■ What you need to do
Take the listing below and output it exactly, with no images.

■ Material to process
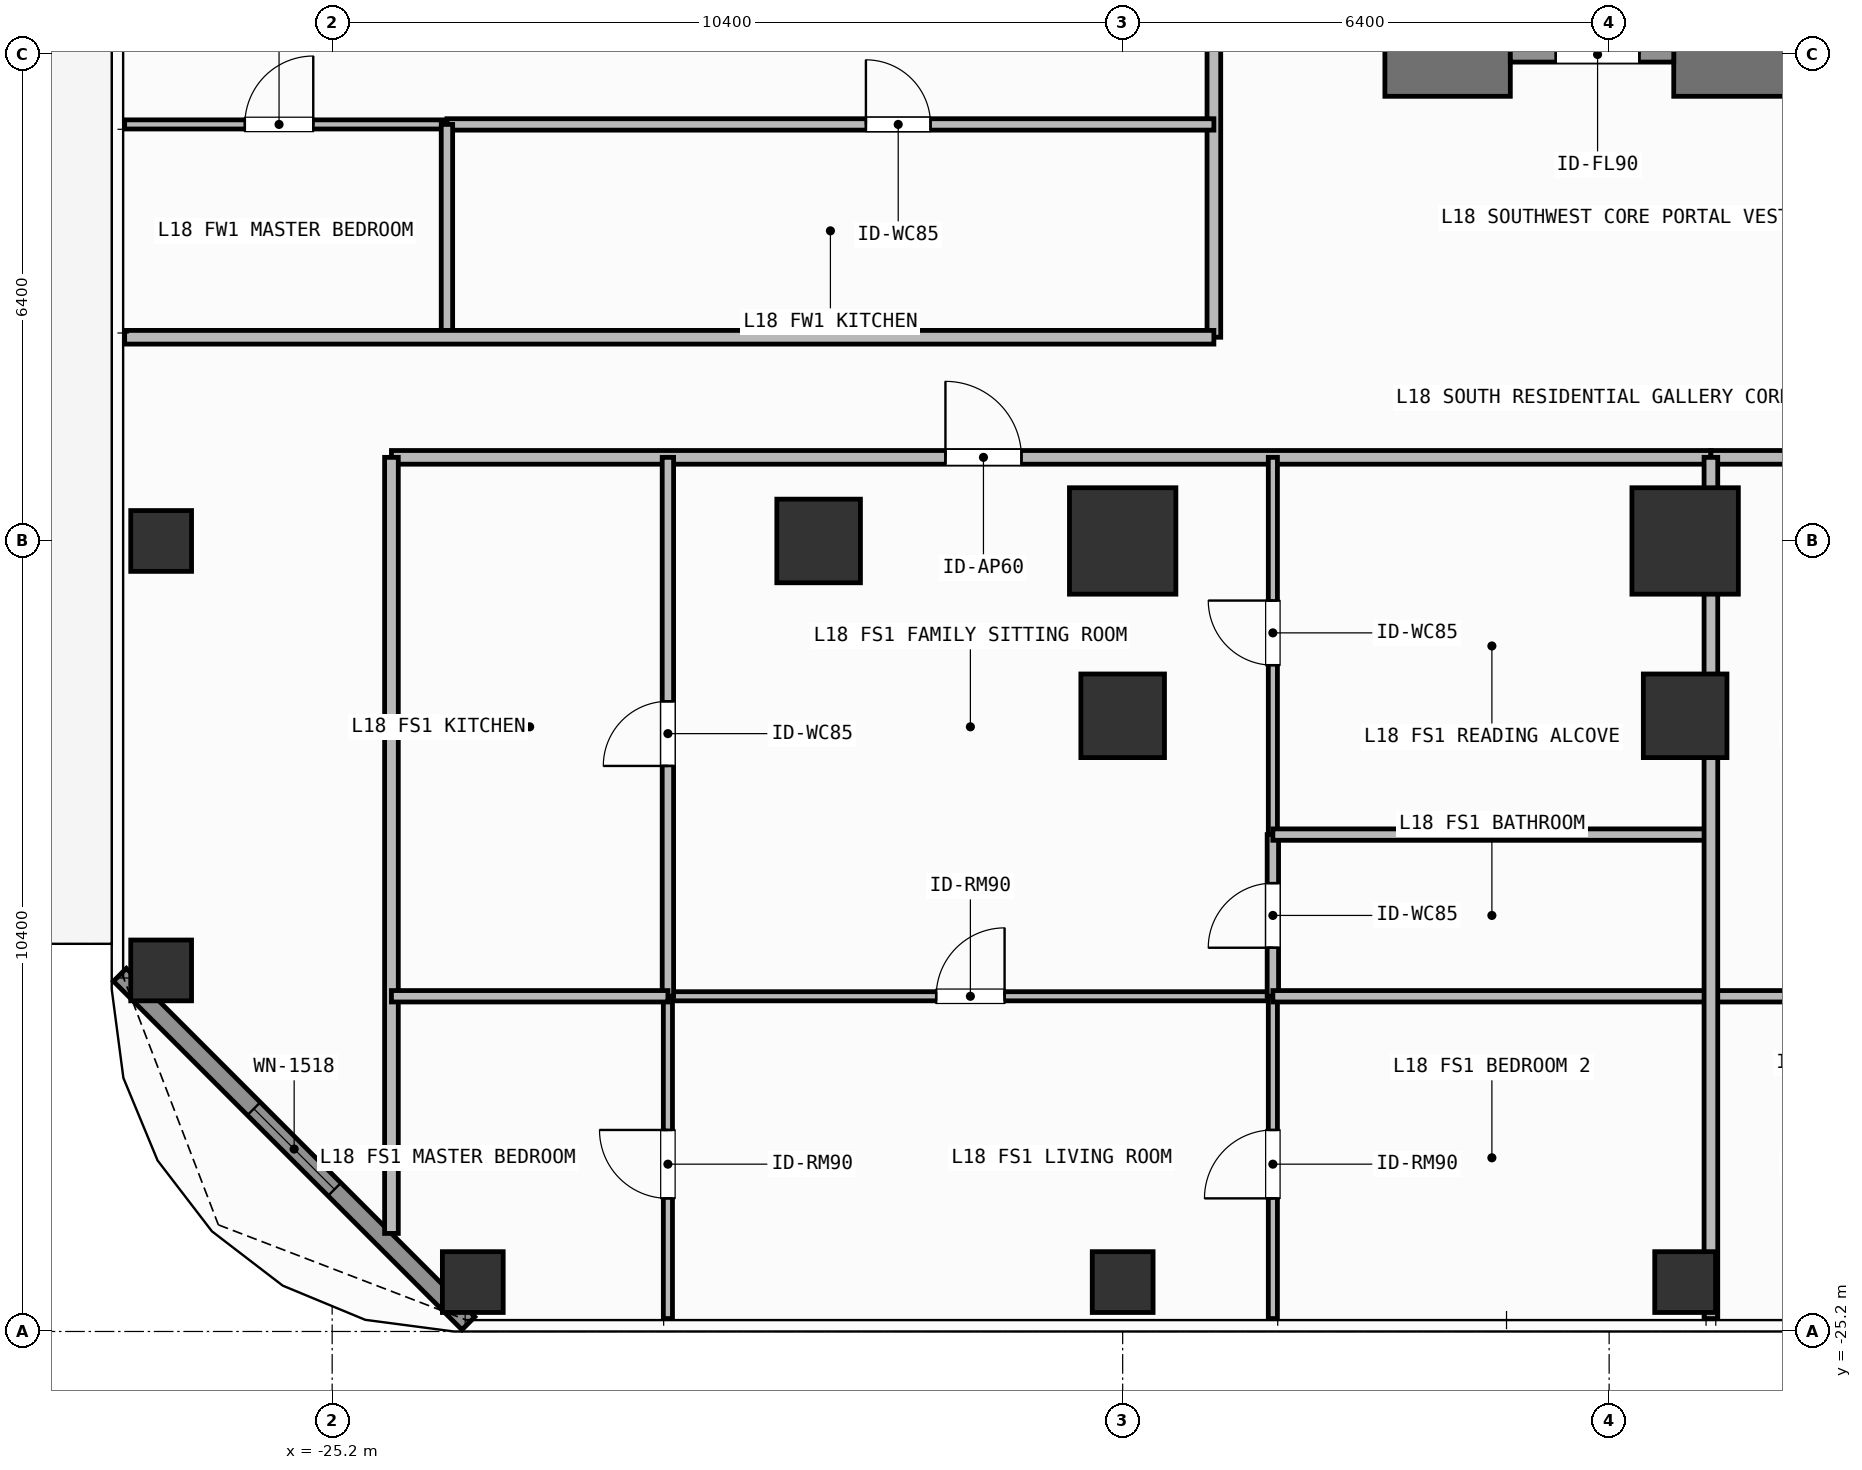
"""IFC4 building model, lengths in metres.
Left out: names, types, materials, properties, quantities, classifications, styles, units other than length and angle.
Written with IfcOpenShell. Run it as: python <this file> out.ifc"""

import sys

from ifc_helpers import new_model, si_unit, direction, frame, frame_2d, origin, origin_2d, place, context, subcontext, project, spatial, rectangle, hollow_rectangle, extrude, element, fill, save


model = new_model("IFC4")
c1 = context("Model", 3, precision=1e-05, world=origin(), true_north=direction((0.0, 1.0)))
c2 = subcontext(c1, "Body", "Model", "MODEL_VIEW")
j1 = project(units=[si_unit("LENGTHUNIT", "METRE"), si_unit("PLANEANGLEUNIT", "RADIAN")], contexts=[c1])
p1 = place(None, origin())
s1 = spatial("IfcSite", under=j1, at=p1, CompositionType="ELEMENT")
p2 = place(p1, origin())
s2 = spatial("IfcBuilding", under=s1, at=p2, CompositionType="ELEMENT")
p3 = place(p2, frame((0.0, 0.0, 69.6)))
s3 = spatial("IfcBuildingStorey", under=s2, at=p3, CompositionType="ELEMENT", Elevation=69.6)
p4 = place(p3, frame((-11.35, -8.4, 0.0), z_axis=(0.0, 0.0, 1.0), x_axis=(1.0, 0.0, 0.0)))
e1 = element("IfcWall", 1, at=p4, inside=s3, PredefinedType="SHEAR", context=c2, shape_type="SweptSolid", body=[
    extrude(rectangle(XDim=1.65, YDim=1.1, at=frame_2d((0.825, 0.0))), origin(), (0.0, 0.0, 1.0), 3.9),
])
p5 = place(p3, frame((-7.55, -8.4, 0.0), z_axis=(0.0, 0.0, 1.0), x_axis=(1.0, 0.0, 0.0)))
e2 = element("IfcWall", 2, at=p5, inside=s3, PredefinedType="SHEAR", context=c2, shape_type="SweptSolid", body=[
    extrude(rectangle(XDim=3.35, YDim=1.1, at=frame_2d((1.675, 0.0))), origin(), (0.0, 0.0, 1.0), 3.9),
])
for number, where, z_axis, x_axis in (
    (3, (-14.8, -14.8, 0.0), (0.0, 0.0, 1.0), (1.0, 0.0, 0.0)),
    (4, (-7.4, -14.8, 0.0), (0.0, 0.0, 1.0), (1.0, 0.0, 0.0)),
):
    element("IfcColumn", number, at=place(p3, frame(where, z_axis=z_axis, x_axis=x_axis)), inside=s3, PredefinedType="COLUMN", context=c2, shape_type="SweptSolid", body=[
        extrude(rectangle(XDim=1.4, YDim=1.4, at=origin_2d()), origin(), (0.0, 0.0, 1.0), 3.9),
    ])
for number, where, z_axis, x_axis in (
    (5, (-18.8, -14.8, 0.0), (0.0, 0.0, 1.0), (1.0, 0.0, 0.0)),
    (6, (-14.8, -17.1, 0.0), (0.0, 0.0, 1.0), (1.0, 0.0, 0.0)),
    (7, (-7.4, -17.1, 0.0), (0.0, 0.0, 1.0), (1.0, 0.0, 0.0)),
):
    element("IfcColumn", number, at=place(p3, frame(where, z_axis=z_axis, x_axis=x_axis)), inside=s3, PredefinedType="COLUMN", context=c2, shape_type="SweptSolid", body=[
        extrude(rectangle(XDim=1.1, YDim=1.1, at=origin_2d()), origin(), (0.0, 0.0, 1.0), 3.9),
    ])
for number, where, z_axis, x_axis in (
    (8, (-23.35, -24.55, 0.0), (0.0, 0.0, 1.0), (1.0, 0.0, 0.0)),
    (9, (-27.45, -20.45, 0.0), (0.0, 0.0, 1.0), (1.0, 0.0, 0.0)),
    (10, (-14.8, -24.55, 0.0), (0.0, 0.0, 1.0), (1.0, 0.0, 0.0)),
    (11, (-7.4, -24.55, 0.0), (0.0, 0.0, 1.0), (1.0, 0.0, 0.0)),
    (12, (-27.45, -14.8, 0.0), (0.0, 0.0, 1.0), (1.0, 0.0, 0.0)),
):
    element("IfcColumn", number, at=place(p3, frame(where, z_axis=z_axis, x_axis=x_axis)), inside=s3, PredefinedType="COLUMN", context=c2, shape_type="SweptSolid", body=[
        extrude(hollow_rectangle(XDim=0.8, YDim=0.8, WallThickness=0.036, at=origin_2d()), origin(), (0.0, 0.0, 1.0), 3.9),
    ])
p6 = place(p3, frame((-23.408, -25.092, 0.0), z_axis=(0.0, 0.0, 1.0), x_axis=(-0.707106781187, 0.707106781187, 0.0)))
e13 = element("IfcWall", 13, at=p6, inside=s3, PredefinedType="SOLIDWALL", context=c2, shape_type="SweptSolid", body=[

■ Expected answer
"""IFC4 building model, lengths in metres.
Left out: names, types, materials, properties, quantities, classifications, styles, units other than length and angle.
Written with IfcOpenShell. Run it as: python <this file> out.ifc"""

import sys

from ifc_helpers import new_model, si_unit, direction, frame, frame_2d, origin, origin_2d, place, context, subcontext, project, spatial, rectangle, hollow_rectangle, extrude, element, fill, save


model = new_model("IFC4")
c1 = context("Model", 3, precision=1e-05, world=origin(), true_north=direction((0.0, 1.0)))
c2 = subcontext(c1, "Body", "Model", "MODEL_VIEW")
j1 = project(units=[si_unit("LENGTHUNIT", "METRE"), si_unit("PLANEANGLEUNIT", "RADIAN")], contexts=[c1])
p1 = place(None, origin())
s1 = spatial("IfcSite", under=j1, at=p1, CompositionType="ELEMENT")
p2 = place(p1, origin())
s2 = spatial("IfcBuilding", under=s1, at=p2, CompositionType="ELEMENT")
p3 = place(p2, frame((0.0, 0.0, 69.6)))
s3 = spatial("IfcBuildingStorey", under=s2, at=p3, CompositionType="ELEMENT", Elevation=69.6)
p4 = place(p3, frame((-11.35, -8.4, 0.0), z_axis=(0.0, 0.0, 1.0), x_axis=(1.0, 0.0, 0.0)))
e1 = element("IfcWall", 1, at=p4, inside=s3, PredefinedType="SHEAR", context=c2, shape_type="SweptSolid", body=[
    extrude(rectangle(XDim=1.65, YDim=1.1, at=frame_2d((0.825, 0.0))), origin(), (0.0, 0.0, 1.0), 3.9),
])
p5 = place(p3, frame((-7.55, -8.4, 0.0), z_axis=(0.0, 0.0, 1.0), x_axis=(1.0, 0.0, 0.0)))
e2 = element("IfcWall", 2, at=p5, inside=s3, PredefinedType="SHEAR", context=c2, shape_type="SweptSolid", body=[
    extrude(rectangle(XDim=3.35, YDim=1.1, at=frame_2d((1.675, 0.0))), origin(), (0.0, 0.0, 1.0), 3.9),
])
for number, where, z_axis, x_axis in (
    (3, (-14.8, -14.8, 0.0), (0.0, 0.0, 1.0), (1.0, 0.0, 0.0)),
    (4, (-7.4, -14.8, 0.0), (0.0, 0.0, 1.0), (1.0, 0.0, 0.0)),
):
    element("IfcColumn", number, at=place(p3, frame(where, z_axis=z_axis, x_axis=x_axis)), inside=s3, PredefinedType="COLUMN", context=c2, shape_type="SweptSolid", body=[
        extrude(rectangle(XDim=1.4, YDim=1.4, at=origin_2d()), origin(), (0.0, 0.0, 1.0), 3.9),
    ])
for number, where, z_axis, x_axis in (
    (5, (-18.8, -14.8, 0.0), (0.0, 0.0, 1.0), (1.0, 0.0, 0.0)),
    (6, (-14.8, -17.1, 0.0), (0.0, 0.0, 1.0), (1.0, 0.0, 0.0)),
    (7, (-7.4, -17.1, 0.0), (0.0, 0.0, 1.0), (1.0, 0.0, 0.0)),
):
    element("IfcColumn", number, at=place(p3, frame(where, z_axis=z_axis, x_axis=x_axis)), inside=s3, PredefinedType="COLUMN", context=c2, shape_type="SweptSolid", body=[
        extrude(rectangle(XDim=1.1, YDim=1.1, at=origin_2d()), origin(), (0.0, 0.0, 1.0), 3.9),
    ])
for number, where, z_axis, x_axis in (
    (8, (-23.35, -24.55, 0.0), (0.0, 0.0, 1.0), (1.0, 0.0, 0.0)),
    (9, (-27.45, -20.45, 0.0), (0.0, 0.0, 1.0), (1.0, 0.0, 0.0)),
    (10, (-14.8, -24.55, 0.0), (0.0, 0.0, 1.0), (1.0, 0.0, 0.0)),
    (11, (-7.4, -24.55, 0.0), (0.0, 0.0, 1.0), (1.0, 0.0, 0.0)),
    (12, (-27.45, -14.8, 0.0), (0.0, 0.0, 1.0), (1.0, 0.0, 0.0)),
):
    element("IfcColumn", number, at=place(p3, frame(where, z_axis=z_axis, x_axis=x_axis)), inside=s3, PredefinedType="COLUMN", context=c2, shape_type="SweptSolid", body=[
        extrude(hollow_rectangle(XDim=0.8, YDim=0.8, WallThickness=0.036, at=origin_2d()), origin(), (0.0, 0.0, 1.0), 3.9),
    ])
p6 = place(p3, frame((-23.408, -25.092, 0.0), z_axis=(0.0, 0.0, 1.0), x_axis=(-0.707106781187, 0.707106781187, 0.0)))
e13 = element("IfcWall", 13, at=p6, inside=s3, PredefinedType="SOLIDWALL", context=c2, shape_type="SweptSolid", body=[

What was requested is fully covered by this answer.